_SUPPLIED MATERIAL_
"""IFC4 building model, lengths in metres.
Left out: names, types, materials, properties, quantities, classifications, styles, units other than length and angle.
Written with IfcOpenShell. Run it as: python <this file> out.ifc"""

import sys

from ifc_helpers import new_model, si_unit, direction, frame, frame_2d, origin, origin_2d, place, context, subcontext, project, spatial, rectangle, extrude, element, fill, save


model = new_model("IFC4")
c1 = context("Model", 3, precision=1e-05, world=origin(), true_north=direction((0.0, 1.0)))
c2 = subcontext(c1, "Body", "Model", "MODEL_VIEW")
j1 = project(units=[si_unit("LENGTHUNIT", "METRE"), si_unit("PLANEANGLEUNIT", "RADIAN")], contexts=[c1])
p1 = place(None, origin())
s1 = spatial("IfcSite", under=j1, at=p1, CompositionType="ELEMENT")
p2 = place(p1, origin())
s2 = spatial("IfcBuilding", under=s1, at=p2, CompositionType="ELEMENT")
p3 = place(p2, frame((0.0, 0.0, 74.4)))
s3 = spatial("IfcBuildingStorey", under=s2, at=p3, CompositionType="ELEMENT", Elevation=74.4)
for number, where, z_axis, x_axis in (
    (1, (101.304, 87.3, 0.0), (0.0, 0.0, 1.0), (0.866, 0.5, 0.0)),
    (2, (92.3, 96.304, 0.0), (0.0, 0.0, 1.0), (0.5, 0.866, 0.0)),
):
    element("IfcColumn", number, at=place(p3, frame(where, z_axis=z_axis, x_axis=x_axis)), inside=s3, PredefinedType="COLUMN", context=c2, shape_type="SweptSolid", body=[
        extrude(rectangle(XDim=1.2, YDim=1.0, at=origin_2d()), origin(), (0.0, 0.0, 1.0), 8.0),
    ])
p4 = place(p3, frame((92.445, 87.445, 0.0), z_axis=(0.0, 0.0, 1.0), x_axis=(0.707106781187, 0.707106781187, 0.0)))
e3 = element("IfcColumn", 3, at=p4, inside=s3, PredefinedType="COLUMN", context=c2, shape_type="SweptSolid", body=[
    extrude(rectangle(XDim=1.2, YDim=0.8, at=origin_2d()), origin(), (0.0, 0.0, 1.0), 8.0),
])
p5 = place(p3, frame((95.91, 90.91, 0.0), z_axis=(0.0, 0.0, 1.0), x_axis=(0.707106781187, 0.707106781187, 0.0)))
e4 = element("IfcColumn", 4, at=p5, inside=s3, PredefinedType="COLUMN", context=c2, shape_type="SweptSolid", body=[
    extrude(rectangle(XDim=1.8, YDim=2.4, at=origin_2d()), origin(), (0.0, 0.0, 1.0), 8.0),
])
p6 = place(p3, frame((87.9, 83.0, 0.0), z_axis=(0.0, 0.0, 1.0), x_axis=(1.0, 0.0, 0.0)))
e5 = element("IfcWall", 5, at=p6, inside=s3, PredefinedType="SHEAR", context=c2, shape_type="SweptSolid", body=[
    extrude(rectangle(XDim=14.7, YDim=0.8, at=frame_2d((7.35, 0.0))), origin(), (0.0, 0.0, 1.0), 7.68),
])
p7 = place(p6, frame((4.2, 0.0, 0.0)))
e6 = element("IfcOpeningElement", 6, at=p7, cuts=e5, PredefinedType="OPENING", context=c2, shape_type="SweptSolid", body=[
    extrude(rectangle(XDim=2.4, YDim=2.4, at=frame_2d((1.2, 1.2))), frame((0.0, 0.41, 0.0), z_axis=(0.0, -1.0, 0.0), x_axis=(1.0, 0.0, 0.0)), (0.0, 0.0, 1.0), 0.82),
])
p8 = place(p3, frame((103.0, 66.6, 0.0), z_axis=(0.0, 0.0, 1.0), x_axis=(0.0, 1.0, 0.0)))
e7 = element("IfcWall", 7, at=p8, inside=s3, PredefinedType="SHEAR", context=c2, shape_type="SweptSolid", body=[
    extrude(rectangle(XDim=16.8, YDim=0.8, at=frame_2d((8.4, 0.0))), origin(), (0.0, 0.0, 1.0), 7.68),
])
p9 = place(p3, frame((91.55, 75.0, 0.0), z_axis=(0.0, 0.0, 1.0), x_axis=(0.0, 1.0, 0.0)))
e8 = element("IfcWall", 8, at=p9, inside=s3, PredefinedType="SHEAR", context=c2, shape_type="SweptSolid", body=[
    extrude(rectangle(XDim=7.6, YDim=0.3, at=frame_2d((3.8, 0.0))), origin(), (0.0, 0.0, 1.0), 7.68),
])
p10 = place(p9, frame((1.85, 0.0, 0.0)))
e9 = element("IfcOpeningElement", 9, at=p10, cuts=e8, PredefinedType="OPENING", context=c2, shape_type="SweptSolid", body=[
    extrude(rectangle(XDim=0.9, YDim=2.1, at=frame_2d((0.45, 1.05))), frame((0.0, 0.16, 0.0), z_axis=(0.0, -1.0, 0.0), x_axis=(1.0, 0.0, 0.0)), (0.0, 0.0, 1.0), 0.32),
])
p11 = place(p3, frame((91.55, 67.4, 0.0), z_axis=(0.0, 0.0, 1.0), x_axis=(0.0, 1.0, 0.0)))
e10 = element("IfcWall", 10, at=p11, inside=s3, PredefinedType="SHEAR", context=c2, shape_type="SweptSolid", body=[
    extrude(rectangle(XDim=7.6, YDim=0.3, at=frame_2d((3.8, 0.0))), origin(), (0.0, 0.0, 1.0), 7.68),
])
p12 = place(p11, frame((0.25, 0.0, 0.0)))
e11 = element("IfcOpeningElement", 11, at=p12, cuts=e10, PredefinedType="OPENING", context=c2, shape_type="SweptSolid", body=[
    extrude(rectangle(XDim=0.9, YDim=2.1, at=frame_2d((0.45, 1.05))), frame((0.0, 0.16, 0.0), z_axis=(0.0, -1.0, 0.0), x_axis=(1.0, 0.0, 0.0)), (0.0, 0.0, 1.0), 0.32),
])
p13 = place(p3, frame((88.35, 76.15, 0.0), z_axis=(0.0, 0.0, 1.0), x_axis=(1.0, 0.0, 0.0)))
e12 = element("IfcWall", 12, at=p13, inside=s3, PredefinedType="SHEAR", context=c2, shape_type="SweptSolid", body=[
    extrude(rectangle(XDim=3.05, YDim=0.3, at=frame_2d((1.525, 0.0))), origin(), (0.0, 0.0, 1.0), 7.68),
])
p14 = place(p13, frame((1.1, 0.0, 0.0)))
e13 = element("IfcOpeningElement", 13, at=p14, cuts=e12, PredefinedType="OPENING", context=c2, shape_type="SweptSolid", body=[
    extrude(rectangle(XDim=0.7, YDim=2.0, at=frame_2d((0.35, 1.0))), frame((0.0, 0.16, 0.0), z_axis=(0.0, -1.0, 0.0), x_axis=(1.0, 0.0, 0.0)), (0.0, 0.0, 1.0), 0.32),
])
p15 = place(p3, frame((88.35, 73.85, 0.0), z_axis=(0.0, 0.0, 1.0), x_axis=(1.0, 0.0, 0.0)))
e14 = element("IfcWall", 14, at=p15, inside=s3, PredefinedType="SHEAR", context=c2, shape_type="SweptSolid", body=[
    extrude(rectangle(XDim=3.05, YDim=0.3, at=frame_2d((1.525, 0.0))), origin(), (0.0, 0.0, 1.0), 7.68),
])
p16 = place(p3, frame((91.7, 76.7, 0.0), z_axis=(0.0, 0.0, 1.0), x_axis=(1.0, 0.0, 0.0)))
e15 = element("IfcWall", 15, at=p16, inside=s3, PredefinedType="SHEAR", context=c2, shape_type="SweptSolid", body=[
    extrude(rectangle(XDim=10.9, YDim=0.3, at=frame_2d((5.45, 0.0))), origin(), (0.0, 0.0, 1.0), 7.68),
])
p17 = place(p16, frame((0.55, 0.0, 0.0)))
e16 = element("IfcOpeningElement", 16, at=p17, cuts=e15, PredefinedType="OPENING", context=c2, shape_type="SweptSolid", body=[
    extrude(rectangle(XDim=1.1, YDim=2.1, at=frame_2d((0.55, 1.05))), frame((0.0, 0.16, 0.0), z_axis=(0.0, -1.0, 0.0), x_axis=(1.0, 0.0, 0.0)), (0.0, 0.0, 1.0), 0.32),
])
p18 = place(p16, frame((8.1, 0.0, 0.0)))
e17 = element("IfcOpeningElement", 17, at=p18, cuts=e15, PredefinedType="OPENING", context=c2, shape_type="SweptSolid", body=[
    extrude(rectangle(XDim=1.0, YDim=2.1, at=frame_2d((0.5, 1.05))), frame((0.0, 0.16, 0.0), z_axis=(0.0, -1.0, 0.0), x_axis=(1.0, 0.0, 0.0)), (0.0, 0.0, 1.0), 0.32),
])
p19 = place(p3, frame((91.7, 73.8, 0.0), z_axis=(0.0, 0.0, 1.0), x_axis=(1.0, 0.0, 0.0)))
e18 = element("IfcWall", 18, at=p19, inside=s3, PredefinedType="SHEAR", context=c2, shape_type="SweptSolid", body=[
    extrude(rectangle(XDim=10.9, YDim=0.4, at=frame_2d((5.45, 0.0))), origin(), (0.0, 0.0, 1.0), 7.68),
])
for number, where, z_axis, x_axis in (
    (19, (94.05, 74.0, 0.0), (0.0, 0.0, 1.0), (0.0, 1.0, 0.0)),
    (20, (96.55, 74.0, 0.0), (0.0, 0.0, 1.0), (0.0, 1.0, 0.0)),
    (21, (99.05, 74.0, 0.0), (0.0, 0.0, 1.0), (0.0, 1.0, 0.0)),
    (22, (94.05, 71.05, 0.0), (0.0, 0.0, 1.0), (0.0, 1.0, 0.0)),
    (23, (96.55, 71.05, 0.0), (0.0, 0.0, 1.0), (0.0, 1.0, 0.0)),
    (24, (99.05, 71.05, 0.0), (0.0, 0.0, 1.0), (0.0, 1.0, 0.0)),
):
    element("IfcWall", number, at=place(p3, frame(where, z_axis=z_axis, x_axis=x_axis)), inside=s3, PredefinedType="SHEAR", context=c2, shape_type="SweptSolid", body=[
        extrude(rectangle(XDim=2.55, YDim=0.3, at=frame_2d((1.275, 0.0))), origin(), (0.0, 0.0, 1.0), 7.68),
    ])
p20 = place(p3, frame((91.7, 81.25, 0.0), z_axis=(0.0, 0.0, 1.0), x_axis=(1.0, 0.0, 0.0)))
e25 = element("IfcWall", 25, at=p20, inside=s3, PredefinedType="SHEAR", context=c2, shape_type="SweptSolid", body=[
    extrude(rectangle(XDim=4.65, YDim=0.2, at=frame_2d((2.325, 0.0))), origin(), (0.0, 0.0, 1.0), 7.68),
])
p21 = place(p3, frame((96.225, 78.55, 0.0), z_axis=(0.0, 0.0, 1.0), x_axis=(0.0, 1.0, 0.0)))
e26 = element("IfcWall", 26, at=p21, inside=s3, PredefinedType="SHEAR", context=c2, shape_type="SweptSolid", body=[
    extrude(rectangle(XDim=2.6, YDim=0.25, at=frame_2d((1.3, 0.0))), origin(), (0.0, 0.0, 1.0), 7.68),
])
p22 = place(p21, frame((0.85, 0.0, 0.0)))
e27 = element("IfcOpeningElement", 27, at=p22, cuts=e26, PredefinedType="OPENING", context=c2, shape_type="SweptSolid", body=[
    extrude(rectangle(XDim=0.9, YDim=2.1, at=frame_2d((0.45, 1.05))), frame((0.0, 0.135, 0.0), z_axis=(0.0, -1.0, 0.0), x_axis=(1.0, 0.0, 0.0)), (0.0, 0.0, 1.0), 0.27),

_REQUIRED WORK_
In the entries above, the lines between the one holding "76.15, 0.0), z_axis=(0.0, 0.0, 1.0), x_axis=(1.0, 0.0, 0.0)))" and the one holding "p17 = place(p16, frame((0.55, 0.0, 0.0)))", inclusive, are to be printed exactly as written, and those alone.

_TASK RESPONSE_
p13 = place(p3, frame((88.35, 76.15, 0.0), z_axis=(0.0, 0.0, 1.0), x_axis=(1.0, 0.0, 0.0)))
e12 = element("IfcWall", 12, at=p13, inside=s3, PredefinedType="SHEAR", context=c2, shape_type="SweptSolid", body=[
    extrude(rectangle(XDim=3.05, YDim=0.3, at=frame_2d((1.525, 0.0))), origin(), (0.0, 0.0, 1.0), 7.68),
])
p14 = place(p13, frame((1.1, 0.0, 0.0)))
e13 = element("IfcOpeningElement", 13, at=p14, cuts=e12, PredefinedType="OPENING", context=c2, shape_type="SweptSolid", body=[
    extrude(rectangle(XDim=0.7, YDim=2.0, at=frame_2d((0.35, 1.0))), frame((0.0, 0.16, 0.0), z_axis=(0.0, -1.0, 0.0), x_axis=(1.0, 0.0, 0.0)), (0.0, 0.0, 1.0), 0.32),
])
p15 = place(p3, frame((88.35, 73.85, 0.0), z_axis=(0.0, 0.0, 1.0), x_axis=(1.0, 0.0, 0.0)))
e14 = element("IfcWall", 14, at=p15, inside=s3, PredefinedType="SHEAR", context=c2, shape_type="SweptSolid", body=[
    extrude(rectangle(XDim=3.05, YDim=0.3, at=frame_2d((1.525, 0.0))), origin(), (0.0, 0.0, 1.0), 7.68),
])
p16 = place(p3, frame((91.7, 76.7, 0.0), z_axis=(0.0, 0.0, 1.0), x_axis=(1.0, 0.0, 0.0)))
e15 = element("IfcWall", 15, at=p16, inside=s3, PredefinedType="SHEAR", context=c2, shape_type="SweptSolid", body=[
    extrude(rectangle(XDim=10.9, YDim=0.3, at=frame_2d((5.45, 0.0))), origin(), (0.0, 0.0, 1.0), 7.68),
])
p17 = place(p16, frame((0.55, 0.0, 0.0)))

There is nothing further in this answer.